What the exercise asks >> Transcribe the records below word for word, beginning with the first line and stopping after the line that contains "p1 = place(None, origin())"; pictures are not part of the copy.

Material for this exercise >>
********
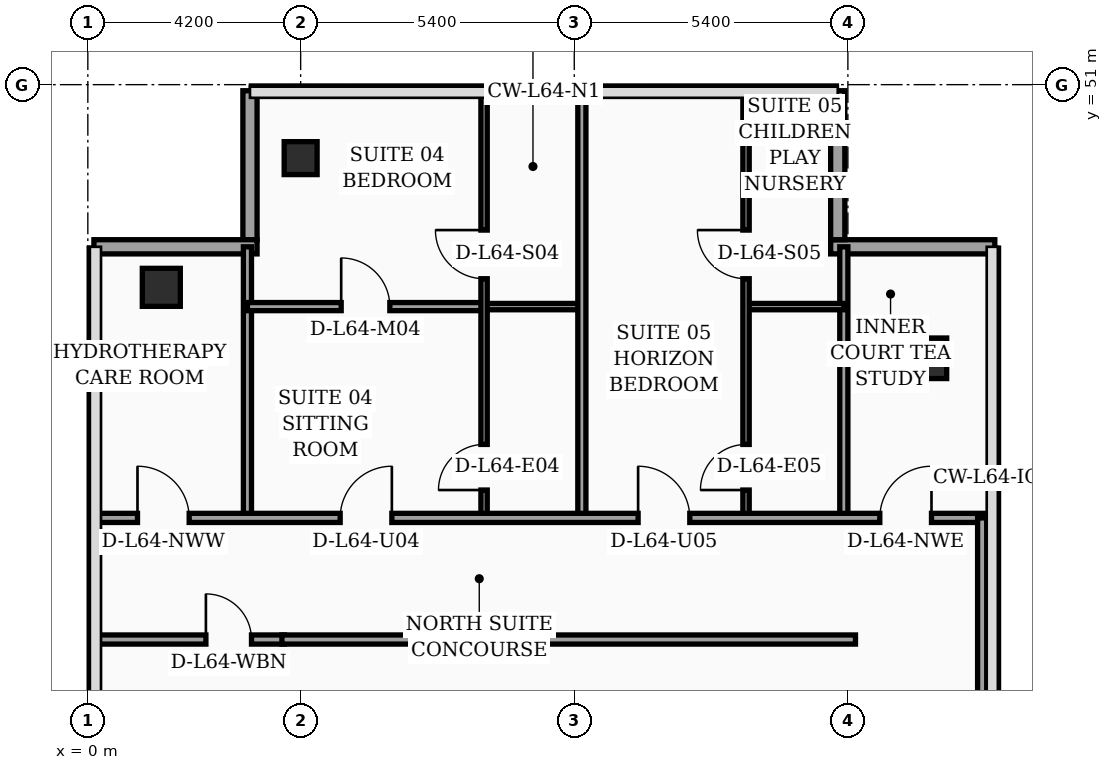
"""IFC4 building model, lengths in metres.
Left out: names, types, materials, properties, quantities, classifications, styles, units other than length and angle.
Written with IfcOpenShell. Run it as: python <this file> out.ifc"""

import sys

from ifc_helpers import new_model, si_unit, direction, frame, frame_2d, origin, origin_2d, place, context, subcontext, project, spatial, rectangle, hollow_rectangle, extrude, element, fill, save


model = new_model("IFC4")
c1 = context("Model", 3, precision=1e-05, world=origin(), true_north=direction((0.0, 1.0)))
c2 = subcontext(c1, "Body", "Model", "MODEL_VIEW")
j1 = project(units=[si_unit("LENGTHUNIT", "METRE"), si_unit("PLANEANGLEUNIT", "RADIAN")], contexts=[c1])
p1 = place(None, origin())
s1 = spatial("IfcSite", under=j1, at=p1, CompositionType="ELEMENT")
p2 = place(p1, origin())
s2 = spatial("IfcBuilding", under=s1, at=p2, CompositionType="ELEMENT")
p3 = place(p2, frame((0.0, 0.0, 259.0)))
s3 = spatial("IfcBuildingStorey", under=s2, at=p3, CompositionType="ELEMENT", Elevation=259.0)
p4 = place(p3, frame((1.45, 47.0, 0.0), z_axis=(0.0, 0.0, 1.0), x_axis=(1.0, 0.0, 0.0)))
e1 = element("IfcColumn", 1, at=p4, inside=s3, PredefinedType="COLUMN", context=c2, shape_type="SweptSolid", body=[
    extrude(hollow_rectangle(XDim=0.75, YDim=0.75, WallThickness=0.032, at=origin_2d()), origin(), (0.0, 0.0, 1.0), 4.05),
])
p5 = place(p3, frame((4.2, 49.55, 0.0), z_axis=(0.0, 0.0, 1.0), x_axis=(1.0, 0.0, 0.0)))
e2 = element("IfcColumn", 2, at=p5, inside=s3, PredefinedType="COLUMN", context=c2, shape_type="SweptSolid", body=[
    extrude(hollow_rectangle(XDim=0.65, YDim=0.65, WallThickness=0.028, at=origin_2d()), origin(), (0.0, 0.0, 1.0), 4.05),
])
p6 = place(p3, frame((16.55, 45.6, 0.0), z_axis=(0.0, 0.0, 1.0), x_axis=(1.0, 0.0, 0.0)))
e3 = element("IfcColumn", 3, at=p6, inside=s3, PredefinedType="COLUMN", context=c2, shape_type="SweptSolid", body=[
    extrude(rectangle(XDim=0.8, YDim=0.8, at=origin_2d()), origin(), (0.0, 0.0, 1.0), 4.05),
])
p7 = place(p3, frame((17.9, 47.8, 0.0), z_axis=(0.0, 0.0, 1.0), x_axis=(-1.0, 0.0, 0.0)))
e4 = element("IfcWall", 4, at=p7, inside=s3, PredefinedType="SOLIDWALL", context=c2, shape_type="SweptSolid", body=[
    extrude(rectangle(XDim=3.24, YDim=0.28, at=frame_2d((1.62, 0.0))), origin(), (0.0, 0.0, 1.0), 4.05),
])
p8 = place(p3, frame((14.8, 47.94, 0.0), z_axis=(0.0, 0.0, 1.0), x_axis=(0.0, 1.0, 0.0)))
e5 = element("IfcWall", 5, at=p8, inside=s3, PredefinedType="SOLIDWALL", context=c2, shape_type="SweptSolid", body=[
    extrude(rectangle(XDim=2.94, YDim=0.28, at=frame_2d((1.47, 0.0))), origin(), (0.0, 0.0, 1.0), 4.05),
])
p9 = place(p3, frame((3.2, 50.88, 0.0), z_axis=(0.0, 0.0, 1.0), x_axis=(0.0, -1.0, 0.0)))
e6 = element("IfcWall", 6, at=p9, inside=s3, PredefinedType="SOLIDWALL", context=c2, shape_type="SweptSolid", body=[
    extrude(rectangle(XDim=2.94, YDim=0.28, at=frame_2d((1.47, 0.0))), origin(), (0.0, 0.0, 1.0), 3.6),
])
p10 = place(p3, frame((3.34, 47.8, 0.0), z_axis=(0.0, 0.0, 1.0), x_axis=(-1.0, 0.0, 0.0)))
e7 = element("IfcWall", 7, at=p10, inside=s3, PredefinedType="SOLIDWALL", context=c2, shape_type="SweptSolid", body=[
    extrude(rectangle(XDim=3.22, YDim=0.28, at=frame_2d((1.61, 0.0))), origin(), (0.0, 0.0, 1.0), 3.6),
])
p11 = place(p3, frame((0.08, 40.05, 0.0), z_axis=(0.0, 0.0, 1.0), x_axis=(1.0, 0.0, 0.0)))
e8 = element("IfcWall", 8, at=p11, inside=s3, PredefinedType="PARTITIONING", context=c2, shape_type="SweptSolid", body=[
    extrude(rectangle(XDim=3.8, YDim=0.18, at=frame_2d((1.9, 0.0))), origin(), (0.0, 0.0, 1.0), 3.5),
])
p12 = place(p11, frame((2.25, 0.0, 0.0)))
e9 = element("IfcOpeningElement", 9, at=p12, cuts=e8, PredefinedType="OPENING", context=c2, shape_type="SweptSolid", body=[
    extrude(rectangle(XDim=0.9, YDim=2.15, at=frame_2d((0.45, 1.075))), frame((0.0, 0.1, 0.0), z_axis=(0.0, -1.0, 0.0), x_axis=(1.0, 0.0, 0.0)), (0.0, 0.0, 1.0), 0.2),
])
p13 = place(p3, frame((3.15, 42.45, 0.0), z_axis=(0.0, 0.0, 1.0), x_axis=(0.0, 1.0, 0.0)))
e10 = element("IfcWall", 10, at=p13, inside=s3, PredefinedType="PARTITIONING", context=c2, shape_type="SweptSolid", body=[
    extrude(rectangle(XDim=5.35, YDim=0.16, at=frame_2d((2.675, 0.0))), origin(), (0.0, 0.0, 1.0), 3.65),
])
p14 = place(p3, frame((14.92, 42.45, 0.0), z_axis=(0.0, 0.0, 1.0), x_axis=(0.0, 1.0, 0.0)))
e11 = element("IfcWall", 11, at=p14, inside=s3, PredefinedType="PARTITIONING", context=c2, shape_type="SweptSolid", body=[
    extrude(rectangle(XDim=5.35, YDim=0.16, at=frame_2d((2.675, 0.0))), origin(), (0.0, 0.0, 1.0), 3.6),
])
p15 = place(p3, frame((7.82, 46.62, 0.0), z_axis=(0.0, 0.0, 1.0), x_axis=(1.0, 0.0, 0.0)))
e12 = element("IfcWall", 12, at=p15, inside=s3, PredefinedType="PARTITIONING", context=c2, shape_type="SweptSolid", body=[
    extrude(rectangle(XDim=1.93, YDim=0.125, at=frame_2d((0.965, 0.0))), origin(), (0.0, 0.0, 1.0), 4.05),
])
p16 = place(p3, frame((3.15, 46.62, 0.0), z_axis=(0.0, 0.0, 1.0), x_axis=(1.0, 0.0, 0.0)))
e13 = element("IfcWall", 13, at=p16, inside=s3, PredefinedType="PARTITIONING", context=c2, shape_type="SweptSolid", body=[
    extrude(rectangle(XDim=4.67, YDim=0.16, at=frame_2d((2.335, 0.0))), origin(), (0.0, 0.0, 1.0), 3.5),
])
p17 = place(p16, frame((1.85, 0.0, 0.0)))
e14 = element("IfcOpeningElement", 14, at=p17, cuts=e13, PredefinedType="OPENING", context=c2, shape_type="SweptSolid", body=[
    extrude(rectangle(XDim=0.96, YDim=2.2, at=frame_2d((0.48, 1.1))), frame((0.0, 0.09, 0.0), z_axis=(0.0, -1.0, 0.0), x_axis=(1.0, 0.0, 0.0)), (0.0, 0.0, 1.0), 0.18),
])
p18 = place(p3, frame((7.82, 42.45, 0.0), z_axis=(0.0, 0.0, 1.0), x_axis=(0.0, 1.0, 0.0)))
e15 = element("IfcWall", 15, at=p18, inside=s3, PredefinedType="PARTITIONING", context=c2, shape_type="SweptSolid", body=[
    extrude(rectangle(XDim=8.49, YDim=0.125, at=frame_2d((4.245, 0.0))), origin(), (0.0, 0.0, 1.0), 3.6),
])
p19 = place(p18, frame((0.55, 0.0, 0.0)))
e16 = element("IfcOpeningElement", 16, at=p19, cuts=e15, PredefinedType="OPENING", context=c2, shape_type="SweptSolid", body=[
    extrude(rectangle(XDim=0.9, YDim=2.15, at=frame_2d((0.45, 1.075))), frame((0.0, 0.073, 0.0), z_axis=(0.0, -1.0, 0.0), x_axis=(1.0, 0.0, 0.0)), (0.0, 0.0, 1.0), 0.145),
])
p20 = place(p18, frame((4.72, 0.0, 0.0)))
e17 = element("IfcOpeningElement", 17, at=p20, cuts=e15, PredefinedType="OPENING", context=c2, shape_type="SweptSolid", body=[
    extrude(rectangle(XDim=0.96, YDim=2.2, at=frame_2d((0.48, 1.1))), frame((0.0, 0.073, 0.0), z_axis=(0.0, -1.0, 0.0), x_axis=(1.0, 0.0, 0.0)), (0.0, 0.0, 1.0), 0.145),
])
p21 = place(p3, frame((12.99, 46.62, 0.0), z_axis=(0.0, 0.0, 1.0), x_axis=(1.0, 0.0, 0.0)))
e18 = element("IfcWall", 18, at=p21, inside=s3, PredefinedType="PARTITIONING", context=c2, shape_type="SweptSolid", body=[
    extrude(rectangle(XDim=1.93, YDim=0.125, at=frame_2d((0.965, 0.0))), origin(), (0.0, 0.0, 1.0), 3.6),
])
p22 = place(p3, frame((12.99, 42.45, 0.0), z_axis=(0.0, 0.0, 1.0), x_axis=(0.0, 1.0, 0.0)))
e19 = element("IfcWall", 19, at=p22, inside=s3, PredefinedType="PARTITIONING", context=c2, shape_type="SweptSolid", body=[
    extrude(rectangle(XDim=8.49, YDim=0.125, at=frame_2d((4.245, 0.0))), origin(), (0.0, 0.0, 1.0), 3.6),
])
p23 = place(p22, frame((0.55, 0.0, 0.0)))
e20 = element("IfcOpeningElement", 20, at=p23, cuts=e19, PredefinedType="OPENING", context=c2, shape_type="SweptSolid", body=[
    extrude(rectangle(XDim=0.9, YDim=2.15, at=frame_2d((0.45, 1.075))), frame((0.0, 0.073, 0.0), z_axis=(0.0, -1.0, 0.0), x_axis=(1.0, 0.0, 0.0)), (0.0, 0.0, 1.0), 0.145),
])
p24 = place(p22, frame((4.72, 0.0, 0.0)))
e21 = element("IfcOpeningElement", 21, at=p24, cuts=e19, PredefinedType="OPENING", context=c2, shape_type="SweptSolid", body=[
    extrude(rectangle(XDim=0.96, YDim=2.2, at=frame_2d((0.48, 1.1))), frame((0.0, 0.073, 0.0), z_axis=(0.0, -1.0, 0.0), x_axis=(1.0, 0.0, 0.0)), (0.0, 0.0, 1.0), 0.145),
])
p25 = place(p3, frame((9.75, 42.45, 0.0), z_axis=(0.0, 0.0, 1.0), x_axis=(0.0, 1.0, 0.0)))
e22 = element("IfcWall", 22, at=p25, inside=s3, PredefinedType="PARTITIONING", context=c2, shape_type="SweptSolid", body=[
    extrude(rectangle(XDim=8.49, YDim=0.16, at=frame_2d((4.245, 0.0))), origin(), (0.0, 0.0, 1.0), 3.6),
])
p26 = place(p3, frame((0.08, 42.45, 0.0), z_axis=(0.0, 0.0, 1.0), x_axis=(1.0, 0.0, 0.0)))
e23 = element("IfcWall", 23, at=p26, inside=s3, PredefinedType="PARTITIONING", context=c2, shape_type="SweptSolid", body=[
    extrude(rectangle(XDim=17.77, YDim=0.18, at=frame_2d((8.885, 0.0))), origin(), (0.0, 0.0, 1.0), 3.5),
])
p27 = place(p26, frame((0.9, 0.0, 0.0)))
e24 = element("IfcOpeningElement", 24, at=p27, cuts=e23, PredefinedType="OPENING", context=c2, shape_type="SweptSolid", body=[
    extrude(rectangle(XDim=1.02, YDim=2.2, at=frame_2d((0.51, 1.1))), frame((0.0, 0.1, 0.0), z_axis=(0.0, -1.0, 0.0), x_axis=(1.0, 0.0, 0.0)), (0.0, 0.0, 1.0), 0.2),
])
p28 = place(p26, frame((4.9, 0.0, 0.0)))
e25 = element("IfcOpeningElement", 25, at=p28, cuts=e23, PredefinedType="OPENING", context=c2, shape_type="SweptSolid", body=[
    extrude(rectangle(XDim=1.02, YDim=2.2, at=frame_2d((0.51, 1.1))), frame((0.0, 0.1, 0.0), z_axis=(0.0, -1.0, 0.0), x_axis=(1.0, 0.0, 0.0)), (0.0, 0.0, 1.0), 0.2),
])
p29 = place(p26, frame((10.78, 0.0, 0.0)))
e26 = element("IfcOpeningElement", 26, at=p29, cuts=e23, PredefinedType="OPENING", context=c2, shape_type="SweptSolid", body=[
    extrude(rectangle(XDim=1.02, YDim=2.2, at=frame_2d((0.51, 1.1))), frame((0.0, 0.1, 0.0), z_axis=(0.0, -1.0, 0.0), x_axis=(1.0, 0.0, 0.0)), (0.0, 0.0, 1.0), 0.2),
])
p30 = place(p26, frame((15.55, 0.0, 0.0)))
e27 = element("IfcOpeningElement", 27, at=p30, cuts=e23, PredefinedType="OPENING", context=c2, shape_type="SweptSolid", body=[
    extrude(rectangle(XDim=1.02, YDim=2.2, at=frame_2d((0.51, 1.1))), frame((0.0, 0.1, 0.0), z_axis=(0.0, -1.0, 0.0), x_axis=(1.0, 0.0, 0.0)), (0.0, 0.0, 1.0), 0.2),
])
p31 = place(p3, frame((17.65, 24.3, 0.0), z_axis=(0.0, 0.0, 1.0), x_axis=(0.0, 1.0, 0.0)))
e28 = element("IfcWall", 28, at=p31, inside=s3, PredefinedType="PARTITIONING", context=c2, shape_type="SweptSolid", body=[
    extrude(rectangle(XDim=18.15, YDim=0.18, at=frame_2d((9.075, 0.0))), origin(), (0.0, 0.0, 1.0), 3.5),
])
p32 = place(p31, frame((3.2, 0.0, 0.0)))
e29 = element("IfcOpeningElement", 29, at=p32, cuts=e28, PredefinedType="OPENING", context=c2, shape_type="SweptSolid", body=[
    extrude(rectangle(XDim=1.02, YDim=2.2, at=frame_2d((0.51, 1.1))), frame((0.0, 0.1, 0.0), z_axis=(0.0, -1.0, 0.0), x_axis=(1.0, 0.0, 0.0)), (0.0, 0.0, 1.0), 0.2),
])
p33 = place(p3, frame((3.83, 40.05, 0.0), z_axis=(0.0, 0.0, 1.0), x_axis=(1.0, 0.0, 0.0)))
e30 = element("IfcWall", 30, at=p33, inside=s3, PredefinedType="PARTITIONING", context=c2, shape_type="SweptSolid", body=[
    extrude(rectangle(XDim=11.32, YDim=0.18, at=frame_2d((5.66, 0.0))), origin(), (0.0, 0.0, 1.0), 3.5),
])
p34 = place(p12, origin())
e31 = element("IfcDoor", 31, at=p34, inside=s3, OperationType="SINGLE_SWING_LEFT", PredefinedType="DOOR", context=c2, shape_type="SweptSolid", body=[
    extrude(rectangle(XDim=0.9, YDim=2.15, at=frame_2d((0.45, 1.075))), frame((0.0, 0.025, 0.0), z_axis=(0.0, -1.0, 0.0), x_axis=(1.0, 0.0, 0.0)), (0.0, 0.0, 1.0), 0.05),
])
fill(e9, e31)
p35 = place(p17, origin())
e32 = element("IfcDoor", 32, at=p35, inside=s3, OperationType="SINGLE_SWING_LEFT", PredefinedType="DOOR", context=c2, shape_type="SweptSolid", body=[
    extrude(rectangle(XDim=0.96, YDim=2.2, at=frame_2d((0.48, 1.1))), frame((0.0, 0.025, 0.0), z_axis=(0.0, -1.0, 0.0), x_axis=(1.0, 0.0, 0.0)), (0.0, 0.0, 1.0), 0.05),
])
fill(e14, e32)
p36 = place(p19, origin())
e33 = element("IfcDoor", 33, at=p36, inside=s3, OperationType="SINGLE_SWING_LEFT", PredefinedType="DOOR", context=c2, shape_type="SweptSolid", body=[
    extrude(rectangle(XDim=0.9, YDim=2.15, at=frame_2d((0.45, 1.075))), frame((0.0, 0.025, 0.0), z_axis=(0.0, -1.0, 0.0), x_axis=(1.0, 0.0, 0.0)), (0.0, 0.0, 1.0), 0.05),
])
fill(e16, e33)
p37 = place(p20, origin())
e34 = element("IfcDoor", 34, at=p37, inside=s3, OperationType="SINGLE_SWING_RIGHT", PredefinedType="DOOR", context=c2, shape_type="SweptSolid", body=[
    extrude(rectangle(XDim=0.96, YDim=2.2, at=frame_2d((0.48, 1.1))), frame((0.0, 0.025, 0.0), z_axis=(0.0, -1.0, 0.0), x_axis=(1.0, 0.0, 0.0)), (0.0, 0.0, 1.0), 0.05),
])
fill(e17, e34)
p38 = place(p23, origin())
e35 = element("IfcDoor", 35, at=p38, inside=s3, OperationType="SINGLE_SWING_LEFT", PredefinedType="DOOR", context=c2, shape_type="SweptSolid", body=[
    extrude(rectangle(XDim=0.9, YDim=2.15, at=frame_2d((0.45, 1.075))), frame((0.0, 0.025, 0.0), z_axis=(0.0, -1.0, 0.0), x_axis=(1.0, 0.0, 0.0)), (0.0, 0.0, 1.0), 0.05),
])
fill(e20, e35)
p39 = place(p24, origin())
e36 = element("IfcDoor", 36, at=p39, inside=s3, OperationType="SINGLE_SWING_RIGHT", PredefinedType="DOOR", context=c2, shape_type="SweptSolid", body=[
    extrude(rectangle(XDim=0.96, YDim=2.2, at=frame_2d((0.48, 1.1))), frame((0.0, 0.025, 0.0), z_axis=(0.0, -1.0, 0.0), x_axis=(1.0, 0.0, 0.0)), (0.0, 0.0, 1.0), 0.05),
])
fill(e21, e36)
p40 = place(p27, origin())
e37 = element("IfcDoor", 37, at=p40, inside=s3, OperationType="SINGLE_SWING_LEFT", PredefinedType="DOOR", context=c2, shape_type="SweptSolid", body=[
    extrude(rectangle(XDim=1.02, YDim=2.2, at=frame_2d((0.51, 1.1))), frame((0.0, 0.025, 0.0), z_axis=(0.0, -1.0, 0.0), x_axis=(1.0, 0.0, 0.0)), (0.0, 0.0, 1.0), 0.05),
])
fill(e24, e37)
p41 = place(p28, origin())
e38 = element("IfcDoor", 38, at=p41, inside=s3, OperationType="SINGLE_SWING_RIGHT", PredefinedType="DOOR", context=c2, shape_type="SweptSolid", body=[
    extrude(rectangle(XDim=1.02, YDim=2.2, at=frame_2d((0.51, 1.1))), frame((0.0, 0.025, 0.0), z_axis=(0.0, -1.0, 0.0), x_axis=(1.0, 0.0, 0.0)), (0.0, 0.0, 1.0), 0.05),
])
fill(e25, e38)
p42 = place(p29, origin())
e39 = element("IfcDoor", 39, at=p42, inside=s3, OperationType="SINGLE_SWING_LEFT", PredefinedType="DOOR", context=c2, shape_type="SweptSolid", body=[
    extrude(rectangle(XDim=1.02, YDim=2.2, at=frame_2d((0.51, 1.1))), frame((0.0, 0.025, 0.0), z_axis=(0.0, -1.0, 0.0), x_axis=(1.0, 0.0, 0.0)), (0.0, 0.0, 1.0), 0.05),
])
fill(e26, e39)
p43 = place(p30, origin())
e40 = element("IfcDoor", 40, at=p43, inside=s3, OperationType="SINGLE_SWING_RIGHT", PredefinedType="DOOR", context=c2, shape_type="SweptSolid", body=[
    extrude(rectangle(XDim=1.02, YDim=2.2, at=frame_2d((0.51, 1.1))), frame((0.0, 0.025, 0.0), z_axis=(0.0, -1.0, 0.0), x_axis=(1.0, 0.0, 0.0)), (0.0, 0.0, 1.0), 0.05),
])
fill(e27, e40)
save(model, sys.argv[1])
********
Your solution >>
"""IFC4 building model, lengths in metres.
Left out: names, types, materials, properties, quantities, classifications, styles, units other than length and angle.
Written with IfcOpenShell. Run it as: python <this file> out.ifc"""

import sys

from ifc_helpers import new_model, si_unit, direction, frame, frame_2d, origin, origin_2d, place, context, subcontext, project, spatial, rectangle, hollow_rectangle, extrude, element, fill, save


model = new_model("IFC4")
c1 = context("Model", 3, precision=1e-05, world=origin(), true_north=direction((0.0, 1.0)))
c2 = subcontext(c1, "Body", "Model", "MODEL_VIEW")
j1 = project(units=[si_unit("LENGTHUNIT", "METRE"), si_unit("PLANEANGLEUNIT", "RADIAN")], contexts=[c1])
p1 = place(None, origin())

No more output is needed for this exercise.